EXERCISE:
The copy has to match the data exactly and leave out every picture.

%%

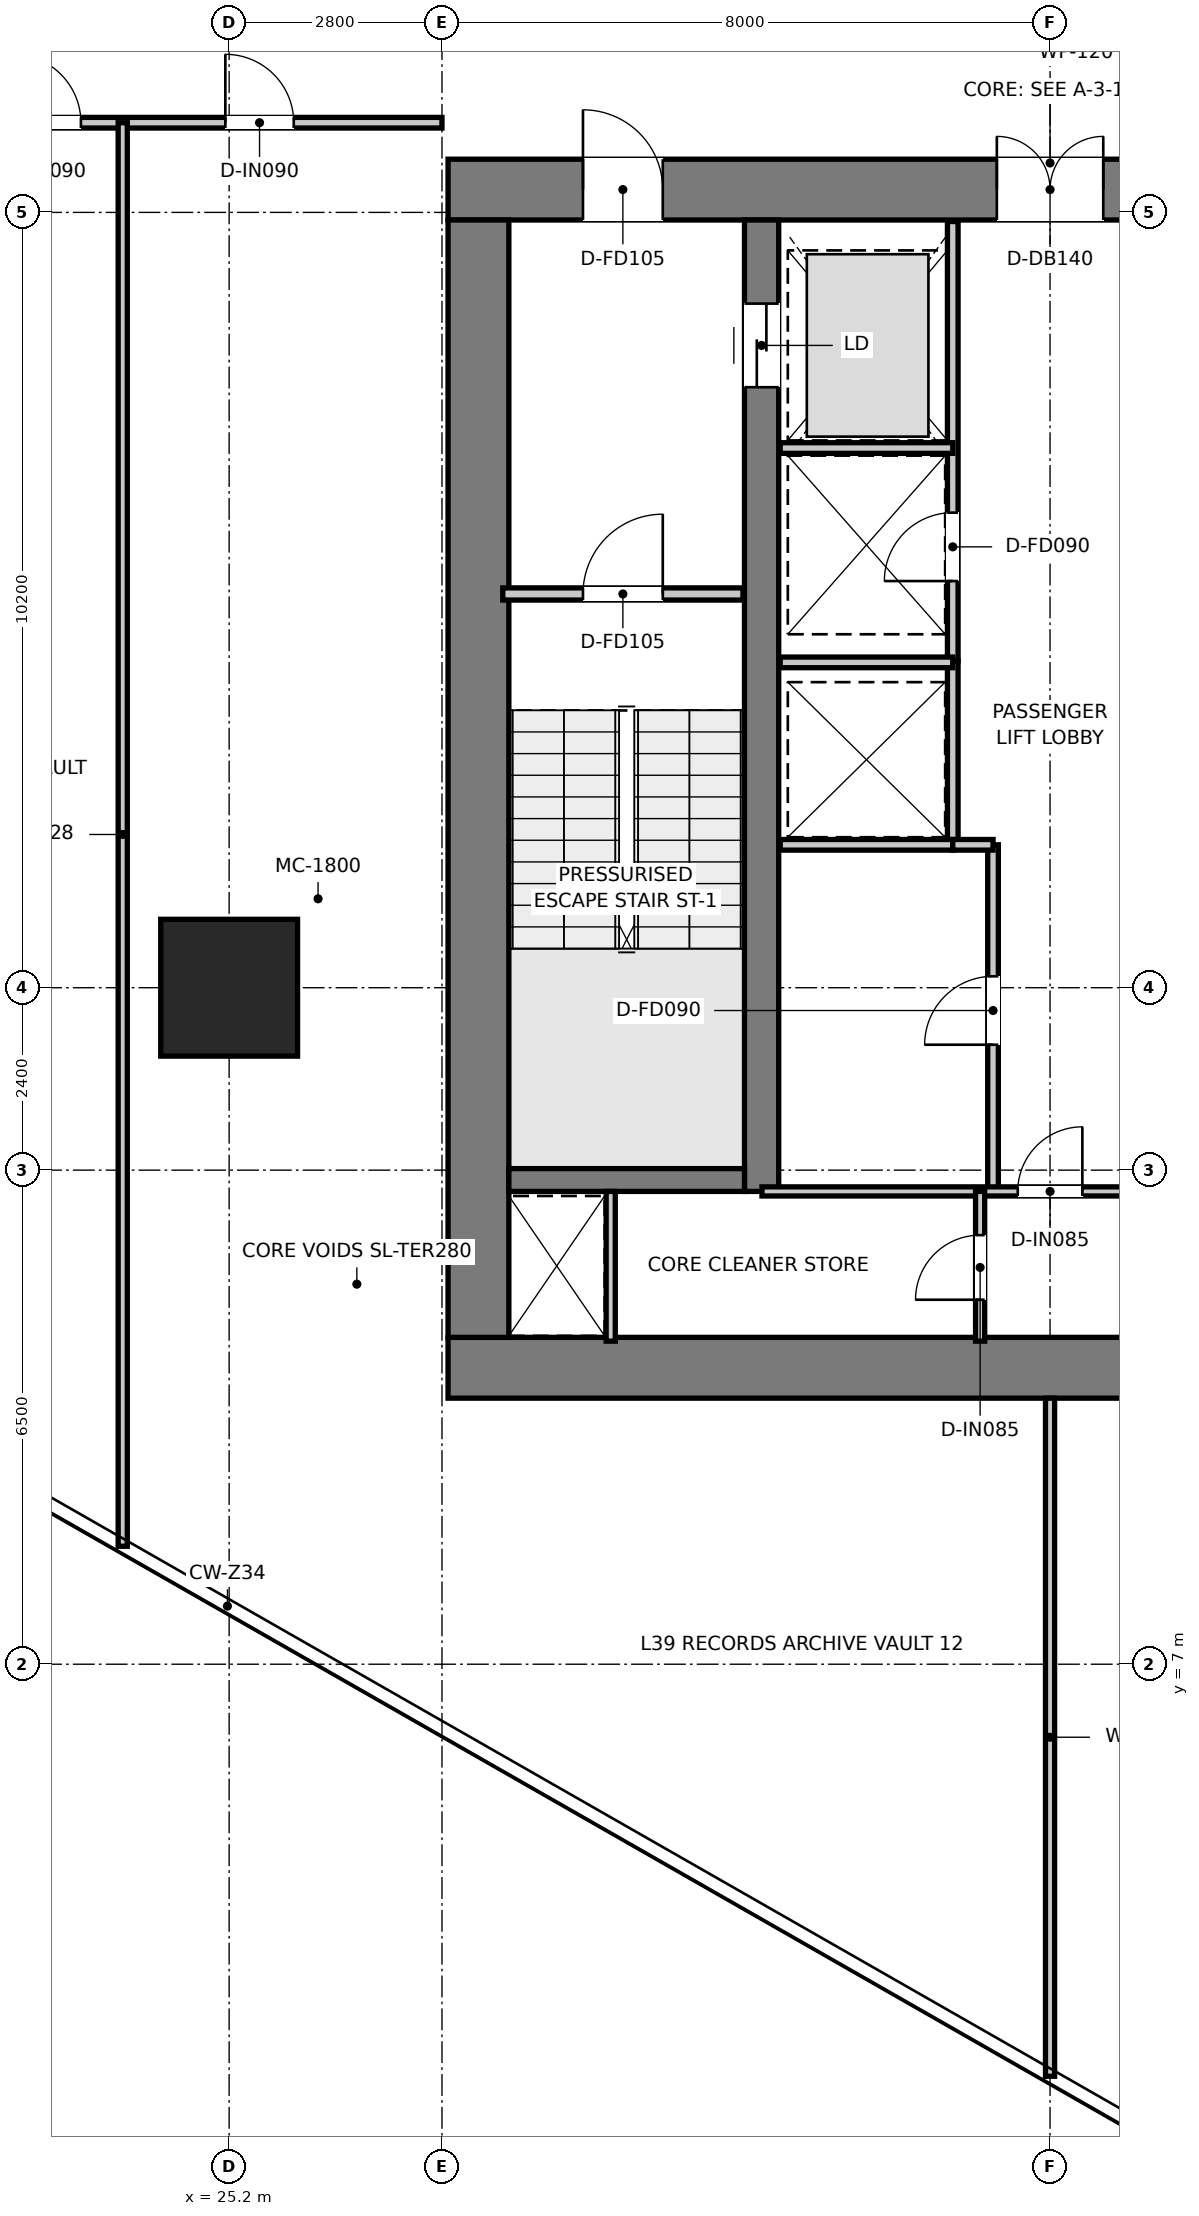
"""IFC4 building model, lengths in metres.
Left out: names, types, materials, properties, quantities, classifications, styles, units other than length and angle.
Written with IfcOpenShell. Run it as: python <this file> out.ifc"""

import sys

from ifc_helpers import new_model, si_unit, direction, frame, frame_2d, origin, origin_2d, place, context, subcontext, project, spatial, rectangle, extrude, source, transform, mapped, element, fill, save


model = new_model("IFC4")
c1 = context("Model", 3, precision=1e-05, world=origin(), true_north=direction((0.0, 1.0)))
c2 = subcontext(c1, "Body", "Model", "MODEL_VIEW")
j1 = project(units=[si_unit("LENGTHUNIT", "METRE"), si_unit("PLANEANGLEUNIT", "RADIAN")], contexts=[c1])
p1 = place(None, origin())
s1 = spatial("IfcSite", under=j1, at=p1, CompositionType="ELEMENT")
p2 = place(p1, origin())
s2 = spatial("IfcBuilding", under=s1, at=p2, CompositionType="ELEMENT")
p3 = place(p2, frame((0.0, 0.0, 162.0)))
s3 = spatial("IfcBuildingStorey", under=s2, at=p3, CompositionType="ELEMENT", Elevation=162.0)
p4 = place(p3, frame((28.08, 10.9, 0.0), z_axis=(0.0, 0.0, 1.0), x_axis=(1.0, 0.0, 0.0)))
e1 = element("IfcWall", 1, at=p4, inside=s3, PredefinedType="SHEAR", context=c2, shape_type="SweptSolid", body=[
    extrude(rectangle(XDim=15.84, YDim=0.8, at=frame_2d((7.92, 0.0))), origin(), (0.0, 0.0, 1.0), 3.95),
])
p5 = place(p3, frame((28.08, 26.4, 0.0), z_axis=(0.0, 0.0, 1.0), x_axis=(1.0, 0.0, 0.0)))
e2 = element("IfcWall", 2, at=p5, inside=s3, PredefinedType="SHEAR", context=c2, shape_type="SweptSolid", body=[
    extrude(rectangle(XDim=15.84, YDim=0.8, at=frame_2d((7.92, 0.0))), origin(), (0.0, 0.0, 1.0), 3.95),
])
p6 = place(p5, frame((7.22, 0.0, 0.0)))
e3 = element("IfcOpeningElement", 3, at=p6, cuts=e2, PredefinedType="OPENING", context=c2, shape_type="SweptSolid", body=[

%%

THE COMPLETED TASK:
"""IFC4 building model, lengths in metres.
Left out: names, types, materials, properties, quantities, classifications, styles, units other than length and angle.
Written with IfcOpenShell. Run it as: python <this file> out.ifc"""

import sys

from ifc_helpers import new_model, si_unit, direction, frame, frame_2d, origin, origin_2d, place, context, subcontext, project, spatial, rectangle, extrude, source, transform, mapped, element, fill, save


model = new_model("IFC4")
c1 = context("Model", 3, precision=1e-05, world=origin(), true_north=direction((0.0, 1.0)))
c2 = subcontext(c1, "Body", "Model", "MODEL_VIEW")
j1 = project(units=[si_unit("LENGTHUNIT", "METRE"), si_unit("PLANEANGLEUNIT", "RADIAN")], contexts=[c1])
p1 = place(None, origin())
s1 = spatial("IfcSite", under=j1, at=p1, CompositionType="ELEMENT")
p2 = place(p1, origin())
s2 = spatial("IfcBuilding", under=s1, at=p2, CompositionType="ELEMENT")
p3 = place(p2, frame((0.0, 0.0, 162.0)))
s3 = spatial("IfcBuildingStorey", under=s2, at=p3, CompositionType="ELEMENT", Elevation=162.0)
p4 = place(p3, frame((28.08, 10.9, 0.0), z_axis=(0.0, 0.0, 1.0), x_axis=(1.0, 0.0, 0.0)))
e1 = element("IfcWall", 1, at=p4, inside=s3, PredefinedType="SHEAR", context=c2, shape_type="SweptSolid", body=[
    extrude(rectangle(XDim=15.84, YDim=0.8, at=frame_2d((7.92, 0.0))), origin(), (0.0, 0.0, 1.0), 3.95),
])
p5 = place(p3, frame((28.08, 26.4, 0.0), z_axis=(0.0, 0.0, 1.0), x_axis=(1.0, 0.0, 0.0)))
e2 = element("IfcWall", 2, at=p5, inside=s3, PredefinedType="SHEAR", context=c2, shape_type="SweptSolid", body=[
    extrude(rectangle(XDim=15.84, YDim=0.8, at=frame_2d((7.92, 0.0))), origin(), (0.0, 0.0, 1.0), 3.95),
])
p6 = place(p5, frame((7.22, 0.0, 0.0)))
e3 = element("IfcOpeningElement", 3, at=p6, cuts=e2, PredefinedType="OPENING", context=c2, shape_type="SweptSolid", body=[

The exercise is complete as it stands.